• _Action item_:
Nothing but a number is needed: the count of lines below that include "SHEAR".

Stored items from a collection
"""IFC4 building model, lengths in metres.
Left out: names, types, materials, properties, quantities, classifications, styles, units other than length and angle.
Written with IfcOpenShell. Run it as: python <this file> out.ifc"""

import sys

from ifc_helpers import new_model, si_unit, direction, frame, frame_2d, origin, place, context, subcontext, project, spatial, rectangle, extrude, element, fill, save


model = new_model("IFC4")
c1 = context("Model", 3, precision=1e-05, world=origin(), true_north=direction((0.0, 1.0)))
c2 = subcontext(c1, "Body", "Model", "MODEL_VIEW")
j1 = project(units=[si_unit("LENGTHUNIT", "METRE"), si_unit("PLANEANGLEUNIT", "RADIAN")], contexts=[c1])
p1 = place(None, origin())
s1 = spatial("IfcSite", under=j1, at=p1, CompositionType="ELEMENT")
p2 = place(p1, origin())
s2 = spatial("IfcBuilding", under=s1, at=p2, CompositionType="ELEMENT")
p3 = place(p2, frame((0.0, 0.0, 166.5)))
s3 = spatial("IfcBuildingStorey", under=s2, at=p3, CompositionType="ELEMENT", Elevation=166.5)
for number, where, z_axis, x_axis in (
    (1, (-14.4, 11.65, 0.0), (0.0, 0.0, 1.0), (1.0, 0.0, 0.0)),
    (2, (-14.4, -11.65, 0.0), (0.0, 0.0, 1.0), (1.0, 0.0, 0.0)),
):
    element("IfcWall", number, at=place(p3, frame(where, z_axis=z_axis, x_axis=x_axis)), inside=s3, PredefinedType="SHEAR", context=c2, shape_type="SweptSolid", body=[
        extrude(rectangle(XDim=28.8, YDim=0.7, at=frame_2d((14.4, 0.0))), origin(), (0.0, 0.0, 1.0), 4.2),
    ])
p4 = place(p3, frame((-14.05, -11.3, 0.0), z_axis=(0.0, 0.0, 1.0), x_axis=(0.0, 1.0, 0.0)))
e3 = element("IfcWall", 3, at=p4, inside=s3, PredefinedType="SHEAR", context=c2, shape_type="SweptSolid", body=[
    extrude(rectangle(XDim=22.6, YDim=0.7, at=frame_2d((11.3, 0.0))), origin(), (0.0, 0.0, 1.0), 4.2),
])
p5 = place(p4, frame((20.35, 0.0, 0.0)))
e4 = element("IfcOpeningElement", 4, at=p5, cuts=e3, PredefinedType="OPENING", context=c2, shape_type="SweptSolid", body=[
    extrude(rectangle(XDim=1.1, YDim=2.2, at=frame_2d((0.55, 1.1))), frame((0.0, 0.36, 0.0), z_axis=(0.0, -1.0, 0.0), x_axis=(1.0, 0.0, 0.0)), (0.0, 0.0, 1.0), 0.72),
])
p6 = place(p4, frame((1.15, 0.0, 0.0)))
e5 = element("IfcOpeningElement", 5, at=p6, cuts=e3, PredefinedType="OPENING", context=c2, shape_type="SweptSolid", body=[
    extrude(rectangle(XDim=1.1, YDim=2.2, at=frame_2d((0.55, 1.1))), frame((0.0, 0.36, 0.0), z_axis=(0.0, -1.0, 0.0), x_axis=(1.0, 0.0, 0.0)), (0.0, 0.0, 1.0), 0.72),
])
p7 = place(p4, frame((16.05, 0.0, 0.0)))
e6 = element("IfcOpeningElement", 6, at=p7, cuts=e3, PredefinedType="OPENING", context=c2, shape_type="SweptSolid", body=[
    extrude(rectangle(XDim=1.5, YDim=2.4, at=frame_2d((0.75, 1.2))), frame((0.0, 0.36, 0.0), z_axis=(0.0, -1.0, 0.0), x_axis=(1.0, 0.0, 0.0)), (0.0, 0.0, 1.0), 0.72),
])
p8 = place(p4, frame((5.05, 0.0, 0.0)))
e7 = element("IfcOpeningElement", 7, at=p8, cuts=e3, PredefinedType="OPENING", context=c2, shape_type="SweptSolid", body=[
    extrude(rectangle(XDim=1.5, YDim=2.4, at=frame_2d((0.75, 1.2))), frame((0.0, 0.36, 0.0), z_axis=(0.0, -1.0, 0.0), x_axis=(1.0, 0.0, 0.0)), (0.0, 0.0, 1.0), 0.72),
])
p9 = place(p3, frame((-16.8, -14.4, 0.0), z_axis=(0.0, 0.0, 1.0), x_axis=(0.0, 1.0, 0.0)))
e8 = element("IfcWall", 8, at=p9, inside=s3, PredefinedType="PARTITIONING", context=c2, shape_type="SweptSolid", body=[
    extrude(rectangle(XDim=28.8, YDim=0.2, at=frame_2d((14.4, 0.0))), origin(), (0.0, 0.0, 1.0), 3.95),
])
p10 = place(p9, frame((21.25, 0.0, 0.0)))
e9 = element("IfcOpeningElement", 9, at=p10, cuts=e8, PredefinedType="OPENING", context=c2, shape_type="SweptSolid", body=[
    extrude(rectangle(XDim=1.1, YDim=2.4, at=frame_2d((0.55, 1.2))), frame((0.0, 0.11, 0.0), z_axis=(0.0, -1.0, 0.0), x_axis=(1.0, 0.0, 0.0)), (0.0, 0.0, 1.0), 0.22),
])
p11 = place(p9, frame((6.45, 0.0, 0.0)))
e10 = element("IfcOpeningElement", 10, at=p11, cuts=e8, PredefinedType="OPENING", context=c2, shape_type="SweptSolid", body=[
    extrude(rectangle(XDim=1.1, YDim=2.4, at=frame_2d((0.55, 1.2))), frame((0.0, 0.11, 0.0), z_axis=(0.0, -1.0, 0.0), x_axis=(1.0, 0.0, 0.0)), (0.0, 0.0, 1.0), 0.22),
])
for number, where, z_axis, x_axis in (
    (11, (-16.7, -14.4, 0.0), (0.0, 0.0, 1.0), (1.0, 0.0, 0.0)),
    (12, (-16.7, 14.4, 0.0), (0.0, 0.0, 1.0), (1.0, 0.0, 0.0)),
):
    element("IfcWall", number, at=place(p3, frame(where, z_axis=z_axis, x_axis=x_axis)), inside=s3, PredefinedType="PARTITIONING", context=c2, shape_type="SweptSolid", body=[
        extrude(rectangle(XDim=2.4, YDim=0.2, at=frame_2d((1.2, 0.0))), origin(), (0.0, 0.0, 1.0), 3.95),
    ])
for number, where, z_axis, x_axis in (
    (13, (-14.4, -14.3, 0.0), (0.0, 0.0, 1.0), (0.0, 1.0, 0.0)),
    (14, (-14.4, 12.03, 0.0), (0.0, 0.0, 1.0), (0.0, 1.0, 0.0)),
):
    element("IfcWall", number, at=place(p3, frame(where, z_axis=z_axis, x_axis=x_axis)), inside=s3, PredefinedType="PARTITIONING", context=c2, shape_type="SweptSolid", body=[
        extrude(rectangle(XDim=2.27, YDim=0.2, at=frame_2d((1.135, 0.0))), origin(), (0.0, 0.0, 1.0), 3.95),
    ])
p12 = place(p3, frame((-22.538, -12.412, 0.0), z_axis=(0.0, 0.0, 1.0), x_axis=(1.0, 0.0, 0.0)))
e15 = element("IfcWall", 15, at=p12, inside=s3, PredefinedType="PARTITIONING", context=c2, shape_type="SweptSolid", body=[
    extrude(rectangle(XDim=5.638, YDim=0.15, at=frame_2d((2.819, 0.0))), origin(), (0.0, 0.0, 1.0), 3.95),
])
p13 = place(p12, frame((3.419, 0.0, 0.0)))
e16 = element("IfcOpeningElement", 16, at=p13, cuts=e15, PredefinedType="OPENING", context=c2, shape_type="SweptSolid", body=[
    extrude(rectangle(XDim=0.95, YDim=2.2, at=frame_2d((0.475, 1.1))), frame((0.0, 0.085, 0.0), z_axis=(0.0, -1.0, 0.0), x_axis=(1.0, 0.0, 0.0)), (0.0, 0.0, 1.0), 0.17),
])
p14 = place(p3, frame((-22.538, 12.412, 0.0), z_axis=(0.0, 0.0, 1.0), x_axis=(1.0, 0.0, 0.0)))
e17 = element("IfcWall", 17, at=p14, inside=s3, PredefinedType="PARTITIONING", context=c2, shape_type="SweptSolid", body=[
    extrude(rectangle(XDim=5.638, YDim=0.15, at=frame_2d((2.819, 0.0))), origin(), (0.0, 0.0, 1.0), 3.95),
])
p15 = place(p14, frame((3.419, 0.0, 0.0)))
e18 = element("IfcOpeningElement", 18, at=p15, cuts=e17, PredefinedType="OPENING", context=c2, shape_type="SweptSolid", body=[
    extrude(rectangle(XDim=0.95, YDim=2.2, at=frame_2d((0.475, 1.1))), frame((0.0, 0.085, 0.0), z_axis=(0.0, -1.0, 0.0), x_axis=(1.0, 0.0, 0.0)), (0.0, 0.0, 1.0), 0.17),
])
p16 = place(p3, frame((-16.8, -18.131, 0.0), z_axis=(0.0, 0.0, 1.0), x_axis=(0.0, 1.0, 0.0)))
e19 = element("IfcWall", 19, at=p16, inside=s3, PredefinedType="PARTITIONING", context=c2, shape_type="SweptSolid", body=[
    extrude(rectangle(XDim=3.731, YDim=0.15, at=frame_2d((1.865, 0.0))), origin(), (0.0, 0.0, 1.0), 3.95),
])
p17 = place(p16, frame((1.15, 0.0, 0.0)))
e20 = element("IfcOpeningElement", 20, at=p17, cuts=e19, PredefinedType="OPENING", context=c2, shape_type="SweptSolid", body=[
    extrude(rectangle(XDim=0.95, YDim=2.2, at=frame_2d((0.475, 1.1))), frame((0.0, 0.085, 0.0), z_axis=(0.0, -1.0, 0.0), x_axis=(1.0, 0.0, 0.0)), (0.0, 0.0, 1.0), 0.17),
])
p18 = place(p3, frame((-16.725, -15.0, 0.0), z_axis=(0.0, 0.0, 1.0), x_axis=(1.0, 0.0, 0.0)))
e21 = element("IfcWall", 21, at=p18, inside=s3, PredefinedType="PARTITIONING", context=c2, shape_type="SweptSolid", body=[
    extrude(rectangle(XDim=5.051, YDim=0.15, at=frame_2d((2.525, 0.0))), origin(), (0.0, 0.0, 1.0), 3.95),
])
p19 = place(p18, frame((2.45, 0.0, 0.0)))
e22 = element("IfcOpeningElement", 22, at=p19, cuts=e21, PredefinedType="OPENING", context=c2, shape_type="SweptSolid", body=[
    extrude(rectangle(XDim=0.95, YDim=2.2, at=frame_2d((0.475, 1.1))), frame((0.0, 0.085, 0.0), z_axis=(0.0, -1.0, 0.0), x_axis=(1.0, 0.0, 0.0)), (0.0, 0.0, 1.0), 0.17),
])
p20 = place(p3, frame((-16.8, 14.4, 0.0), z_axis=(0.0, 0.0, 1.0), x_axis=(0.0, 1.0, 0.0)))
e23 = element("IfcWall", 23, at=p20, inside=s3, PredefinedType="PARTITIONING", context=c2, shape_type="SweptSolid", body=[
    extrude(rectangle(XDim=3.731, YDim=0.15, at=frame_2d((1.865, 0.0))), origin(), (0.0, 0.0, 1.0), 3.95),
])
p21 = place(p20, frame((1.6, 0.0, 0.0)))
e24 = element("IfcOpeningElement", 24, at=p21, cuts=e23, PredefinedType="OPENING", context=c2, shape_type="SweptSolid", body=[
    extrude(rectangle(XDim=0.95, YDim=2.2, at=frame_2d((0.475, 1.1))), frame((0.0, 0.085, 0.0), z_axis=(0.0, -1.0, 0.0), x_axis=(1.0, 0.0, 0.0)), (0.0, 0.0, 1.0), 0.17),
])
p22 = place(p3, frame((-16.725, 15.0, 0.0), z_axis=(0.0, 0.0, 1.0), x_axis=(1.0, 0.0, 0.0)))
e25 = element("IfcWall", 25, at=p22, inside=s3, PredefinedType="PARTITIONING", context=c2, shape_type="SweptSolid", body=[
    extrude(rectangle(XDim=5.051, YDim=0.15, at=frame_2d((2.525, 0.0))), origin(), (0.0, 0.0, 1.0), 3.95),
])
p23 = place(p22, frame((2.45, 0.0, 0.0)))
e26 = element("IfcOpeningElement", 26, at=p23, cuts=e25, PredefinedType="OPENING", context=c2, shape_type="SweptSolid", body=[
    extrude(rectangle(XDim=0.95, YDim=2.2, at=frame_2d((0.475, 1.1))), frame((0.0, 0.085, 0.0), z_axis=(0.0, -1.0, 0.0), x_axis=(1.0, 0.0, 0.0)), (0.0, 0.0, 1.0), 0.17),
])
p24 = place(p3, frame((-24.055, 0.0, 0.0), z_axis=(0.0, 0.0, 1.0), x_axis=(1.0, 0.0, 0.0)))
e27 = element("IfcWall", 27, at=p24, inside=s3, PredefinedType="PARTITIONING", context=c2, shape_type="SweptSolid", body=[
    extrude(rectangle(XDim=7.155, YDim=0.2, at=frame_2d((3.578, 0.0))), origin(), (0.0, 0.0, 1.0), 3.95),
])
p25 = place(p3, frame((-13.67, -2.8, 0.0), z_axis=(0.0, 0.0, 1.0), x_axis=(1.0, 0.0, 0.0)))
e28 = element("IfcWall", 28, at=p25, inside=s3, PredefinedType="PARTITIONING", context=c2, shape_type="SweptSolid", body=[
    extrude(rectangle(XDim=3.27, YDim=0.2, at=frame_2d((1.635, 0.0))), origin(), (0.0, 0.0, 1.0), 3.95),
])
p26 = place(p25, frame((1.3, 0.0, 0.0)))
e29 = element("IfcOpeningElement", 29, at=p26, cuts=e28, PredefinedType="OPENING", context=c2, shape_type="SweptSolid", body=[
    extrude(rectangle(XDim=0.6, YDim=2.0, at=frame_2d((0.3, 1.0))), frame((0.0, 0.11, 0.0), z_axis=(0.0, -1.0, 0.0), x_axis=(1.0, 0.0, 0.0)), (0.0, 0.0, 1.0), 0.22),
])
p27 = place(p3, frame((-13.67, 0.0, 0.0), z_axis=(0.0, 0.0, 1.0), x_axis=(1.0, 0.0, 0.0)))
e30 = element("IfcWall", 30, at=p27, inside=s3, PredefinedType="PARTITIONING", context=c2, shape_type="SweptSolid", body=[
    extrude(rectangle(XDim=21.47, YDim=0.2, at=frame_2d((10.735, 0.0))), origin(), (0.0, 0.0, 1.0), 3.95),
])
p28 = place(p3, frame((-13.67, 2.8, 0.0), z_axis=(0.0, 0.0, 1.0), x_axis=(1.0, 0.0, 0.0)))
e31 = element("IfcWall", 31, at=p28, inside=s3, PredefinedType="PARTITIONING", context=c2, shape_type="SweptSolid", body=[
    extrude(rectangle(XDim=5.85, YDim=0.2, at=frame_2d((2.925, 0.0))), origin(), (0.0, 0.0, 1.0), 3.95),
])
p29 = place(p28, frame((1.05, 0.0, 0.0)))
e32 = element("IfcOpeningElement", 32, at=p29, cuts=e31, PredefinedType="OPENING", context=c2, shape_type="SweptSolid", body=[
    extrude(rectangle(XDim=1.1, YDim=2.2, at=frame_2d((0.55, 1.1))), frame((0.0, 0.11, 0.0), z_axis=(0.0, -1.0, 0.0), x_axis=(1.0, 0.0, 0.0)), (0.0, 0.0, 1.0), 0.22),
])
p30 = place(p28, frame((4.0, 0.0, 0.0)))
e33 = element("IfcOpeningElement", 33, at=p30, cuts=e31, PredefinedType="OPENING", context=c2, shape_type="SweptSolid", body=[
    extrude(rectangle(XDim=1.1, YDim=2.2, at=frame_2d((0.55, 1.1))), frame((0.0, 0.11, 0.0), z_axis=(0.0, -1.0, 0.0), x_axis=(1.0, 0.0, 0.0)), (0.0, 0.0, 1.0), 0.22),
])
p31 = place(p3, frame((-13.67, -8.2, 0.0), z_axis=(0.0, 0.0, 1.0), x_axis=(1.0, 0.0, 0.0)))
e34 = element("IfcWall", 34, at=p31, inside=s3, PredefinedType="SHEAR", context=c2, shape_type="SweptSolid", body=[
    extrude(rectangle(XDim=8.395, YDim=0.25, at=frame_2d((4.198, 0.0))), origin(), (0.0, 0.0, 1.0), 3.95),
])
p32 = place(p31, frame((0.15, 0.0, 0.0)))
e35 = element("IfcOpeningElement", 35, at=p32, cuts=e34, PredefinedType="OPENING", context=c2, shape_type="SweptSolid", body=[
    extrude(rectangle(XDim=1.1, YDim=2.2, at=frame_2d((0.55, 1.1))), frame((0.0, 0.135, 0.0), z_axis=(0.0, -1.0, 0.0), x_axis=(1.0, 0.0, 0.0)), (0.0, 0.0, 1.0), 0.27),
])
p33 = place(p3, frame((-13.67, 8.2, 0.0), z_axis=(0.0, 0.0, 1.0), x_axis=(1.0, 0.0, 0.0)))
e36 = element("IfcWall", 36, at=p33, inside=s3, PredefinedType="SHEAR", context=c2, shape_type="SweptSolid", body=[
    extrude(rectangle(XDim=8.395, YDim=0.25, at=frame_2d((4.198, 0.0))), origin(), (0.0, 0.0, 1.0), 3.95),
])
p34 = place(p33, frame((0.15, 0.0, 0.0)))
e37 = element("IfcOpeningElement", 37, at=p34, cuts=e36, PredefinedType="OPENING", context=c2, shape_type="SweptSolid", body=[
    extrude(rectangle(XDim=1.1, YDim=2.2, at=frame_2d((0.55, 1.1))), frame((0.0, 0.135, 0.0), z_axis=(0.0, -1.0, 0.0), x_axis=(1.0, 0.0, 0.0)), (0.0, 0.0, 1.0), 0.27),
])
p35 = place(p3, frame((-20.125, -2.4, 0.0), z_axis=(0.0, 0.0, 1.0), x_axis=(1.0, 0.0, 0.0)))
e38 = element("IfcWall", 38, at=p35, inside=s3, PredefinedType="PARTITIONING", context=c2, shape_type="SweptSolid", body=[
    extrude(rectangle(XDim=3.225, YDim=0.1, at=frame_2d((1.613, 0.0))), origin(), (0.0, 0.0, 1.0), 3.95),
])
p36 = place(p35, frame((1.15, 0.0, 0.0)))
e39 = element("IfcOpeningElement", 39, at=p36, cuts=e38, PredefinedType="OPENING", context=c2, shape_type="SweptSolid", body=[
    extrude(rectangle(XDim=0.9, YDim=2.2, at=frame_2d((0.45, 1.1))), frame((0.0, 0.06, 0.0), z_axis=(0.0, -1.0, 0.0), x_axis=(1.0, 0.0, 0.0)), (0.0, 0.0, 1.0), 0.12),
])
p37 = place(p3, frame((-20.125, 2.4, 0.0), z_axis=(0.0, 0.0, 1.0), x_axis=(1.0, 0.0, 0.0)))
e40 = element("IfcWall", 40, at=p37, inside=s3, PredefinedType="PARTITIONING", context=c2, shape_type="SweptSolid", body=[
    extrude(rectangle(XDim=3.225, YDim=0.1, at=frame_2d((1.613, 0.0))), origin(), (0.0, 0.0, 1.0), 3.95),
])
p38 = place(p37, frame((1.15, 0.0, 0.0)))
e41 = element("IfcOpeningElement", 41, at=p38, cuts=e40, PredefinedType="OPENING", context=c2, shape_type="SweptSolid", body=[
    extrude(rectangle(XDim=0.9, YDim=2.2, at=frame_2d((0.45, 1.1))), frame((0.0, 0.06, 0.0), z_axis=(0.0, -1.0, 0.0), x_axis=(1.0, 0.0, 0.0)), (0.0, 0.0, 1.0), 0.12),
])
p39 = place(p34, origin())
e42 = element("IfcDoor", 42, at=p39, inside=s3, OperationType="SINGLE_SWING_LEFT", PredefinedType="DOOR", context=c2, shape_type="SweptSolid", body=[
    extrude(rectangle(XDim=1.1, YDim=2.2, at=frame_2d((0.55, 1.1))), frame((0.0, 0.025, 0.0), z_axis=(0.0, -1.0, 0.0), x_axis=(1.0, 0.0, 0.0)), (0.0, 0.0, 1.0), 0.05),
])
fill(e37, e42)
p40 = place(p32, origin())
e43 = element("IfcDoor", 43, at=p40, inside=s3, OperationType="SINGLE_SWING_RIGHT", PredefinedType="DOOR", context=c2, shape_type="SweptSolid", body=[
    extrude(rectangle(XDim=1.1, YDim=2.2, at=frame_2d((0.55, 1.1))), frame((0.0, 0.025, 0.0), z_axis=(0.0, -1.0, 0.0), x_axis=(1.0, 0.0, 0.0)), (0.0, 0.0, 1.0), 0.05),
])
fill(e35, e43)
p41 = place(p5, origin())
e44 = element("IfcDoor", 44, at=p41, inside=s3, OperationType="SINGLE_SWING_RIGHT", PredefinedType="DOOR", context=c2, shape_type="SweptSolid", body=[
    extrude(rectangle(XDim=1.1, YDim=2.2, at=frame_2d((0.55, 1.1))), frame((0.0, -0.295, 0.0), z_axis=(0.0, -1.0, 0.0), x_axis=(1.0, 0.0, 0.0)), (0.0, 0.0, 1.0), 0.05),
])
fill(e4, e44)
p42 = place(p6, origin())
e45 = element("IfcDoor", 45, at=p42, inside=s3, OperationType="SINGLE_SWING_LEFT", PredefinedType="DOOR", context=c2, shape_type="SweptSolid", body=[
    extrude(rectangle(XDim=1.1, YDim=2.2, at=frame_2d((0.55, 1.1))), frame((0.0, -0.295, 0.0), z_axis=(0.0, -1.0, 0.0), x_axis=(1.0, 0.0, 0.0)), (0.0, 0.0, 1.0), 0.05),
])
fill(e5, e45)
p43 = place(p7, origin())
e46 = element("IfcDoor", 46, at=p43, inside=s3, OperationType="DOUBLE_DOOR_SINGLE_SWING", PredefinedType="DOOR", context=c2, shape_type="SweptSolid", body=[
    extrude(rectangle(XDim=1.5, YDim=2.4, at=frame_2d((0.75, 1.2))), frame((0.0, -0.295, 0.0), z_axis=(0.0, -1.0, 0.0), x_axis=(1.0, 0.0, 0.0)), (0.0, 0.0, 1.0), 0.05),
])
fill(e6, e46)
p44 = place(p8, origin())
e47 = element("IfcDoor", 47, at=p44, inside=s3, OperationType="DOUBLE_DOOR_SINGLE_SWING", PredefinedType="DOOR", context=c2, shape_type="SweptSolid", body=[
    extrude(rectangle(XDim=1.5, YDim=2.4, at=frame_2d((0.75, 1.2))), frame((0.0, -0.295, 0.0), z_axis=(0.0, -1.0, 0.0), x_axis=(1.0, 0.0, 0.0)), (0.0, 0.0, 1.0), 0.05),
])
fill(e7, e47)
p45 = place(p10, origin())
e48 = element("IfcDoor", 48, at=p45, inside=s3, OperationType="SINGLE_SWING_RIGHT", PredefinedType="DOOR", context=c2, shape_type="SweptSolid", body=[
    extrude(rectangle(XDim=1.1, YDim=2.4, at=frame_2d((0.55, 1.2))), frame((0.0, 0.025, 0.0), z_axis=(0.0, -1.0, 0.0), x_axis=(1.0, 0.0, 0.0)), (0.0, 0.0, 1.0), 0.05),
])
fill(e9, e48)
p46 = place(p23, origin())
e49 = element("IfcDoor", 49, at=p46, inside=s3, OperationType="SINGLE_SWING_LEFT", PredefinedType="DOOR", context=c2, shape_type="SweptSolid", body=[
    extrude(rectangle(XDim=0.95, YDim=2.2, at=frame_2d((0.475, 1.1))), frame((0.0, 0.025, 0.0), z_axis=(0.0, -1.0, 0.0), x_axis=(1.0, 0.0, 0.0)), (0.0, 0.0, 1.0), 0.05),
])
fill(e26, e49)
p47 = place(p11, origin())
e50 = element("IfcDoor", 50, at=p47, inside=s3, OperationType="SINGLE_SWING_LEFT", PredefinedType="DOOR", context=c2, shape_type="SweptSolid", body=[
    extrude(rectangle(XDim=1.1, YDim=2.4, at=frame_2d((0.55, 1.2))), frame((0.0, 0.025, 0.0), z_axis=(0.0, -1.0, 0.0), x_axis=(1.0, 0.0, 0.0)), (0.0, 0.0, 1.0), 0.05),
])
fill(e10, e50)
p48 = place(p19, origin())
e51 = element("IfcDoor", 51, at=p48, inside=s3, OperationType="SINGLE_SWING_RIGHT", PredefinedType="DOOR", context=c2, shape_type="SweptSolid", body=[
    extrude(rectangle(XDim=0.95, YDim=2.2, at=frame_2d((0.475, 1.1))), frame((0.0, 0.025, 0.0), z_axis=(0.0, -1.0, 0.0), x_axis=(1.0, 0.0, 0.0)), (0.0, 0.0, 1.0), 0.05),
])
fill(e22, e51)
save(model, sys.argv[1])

• _Written response_:
4